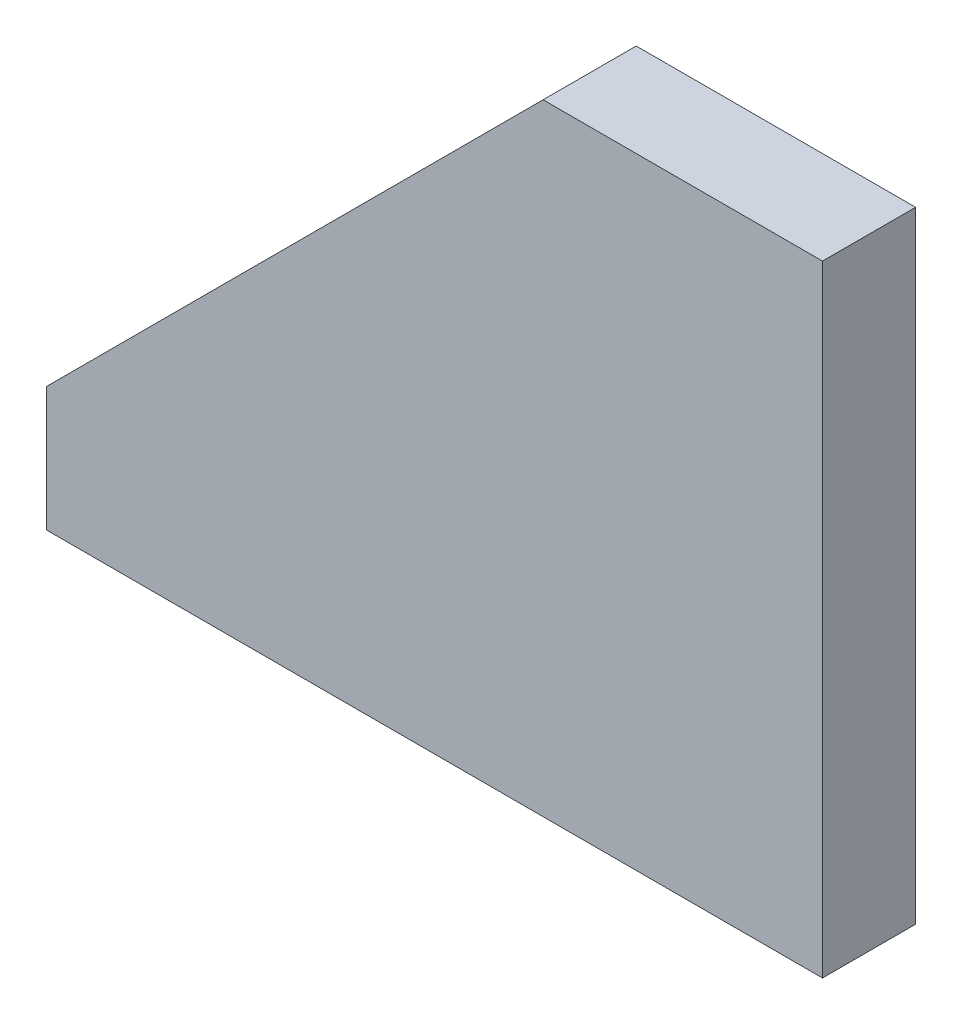
from build123d import *

# Parameters (mm, degrees)
SKETCH_1_W      = 125
SKETCH_1_H      = 100
EXTRUDE_1_DEPTH = 15
CHAMFER_1_SIZE  = 80


with BuildPart() as part:
    # 草图1 → 凸台-拉伸1 (new body)
    with BuildSketch(Plane.XY):
        Rectangle(SKETCH_1_W, SKETCH_1_H)
    extrude(amount=EXTRUDE_1_DEPTH)

    # 倒角1
    chamfer_1_edges = [part.edges().sort_by_distance(p)[0] for p in [
        (-62.5, 50, 7.5),
    ]]
    chamfer(chamfer_1_edges, length=CHAMFER_1_SIZE)


solid = part.part

- **EXERCISE BRIEF**: Reproduce each entry exactly as given; no pictures, please.

- **SOLUTION BELOW**:
from build123d import *

# Parameters (mm, degrees)
SKETCH_1_W      = 125
SKETCH_1_H      = 100
EXTRUDE_1_DEPTH = 15
CHAMFER_1_SIZE  = 80


with BuildPart() as part:
    # 草图1 → 凸台-拉伸1 (new body)
    with BuildSketch(Plane.XY):
        Rectangle(SKETCH_1_W, SKETCH_1_H)
    extrude(amount=EXTRUDE_1_DEPTH)

    # 倒角1
    chamfer_1_edges = [part.edges().sort_by_distance(p)[0] for p in [
        (-62.5, 50, 7.5),
    ]]
    chamfer(chamfer_1_edges, length=CHAMFER_1_SIZE)


solid = part.part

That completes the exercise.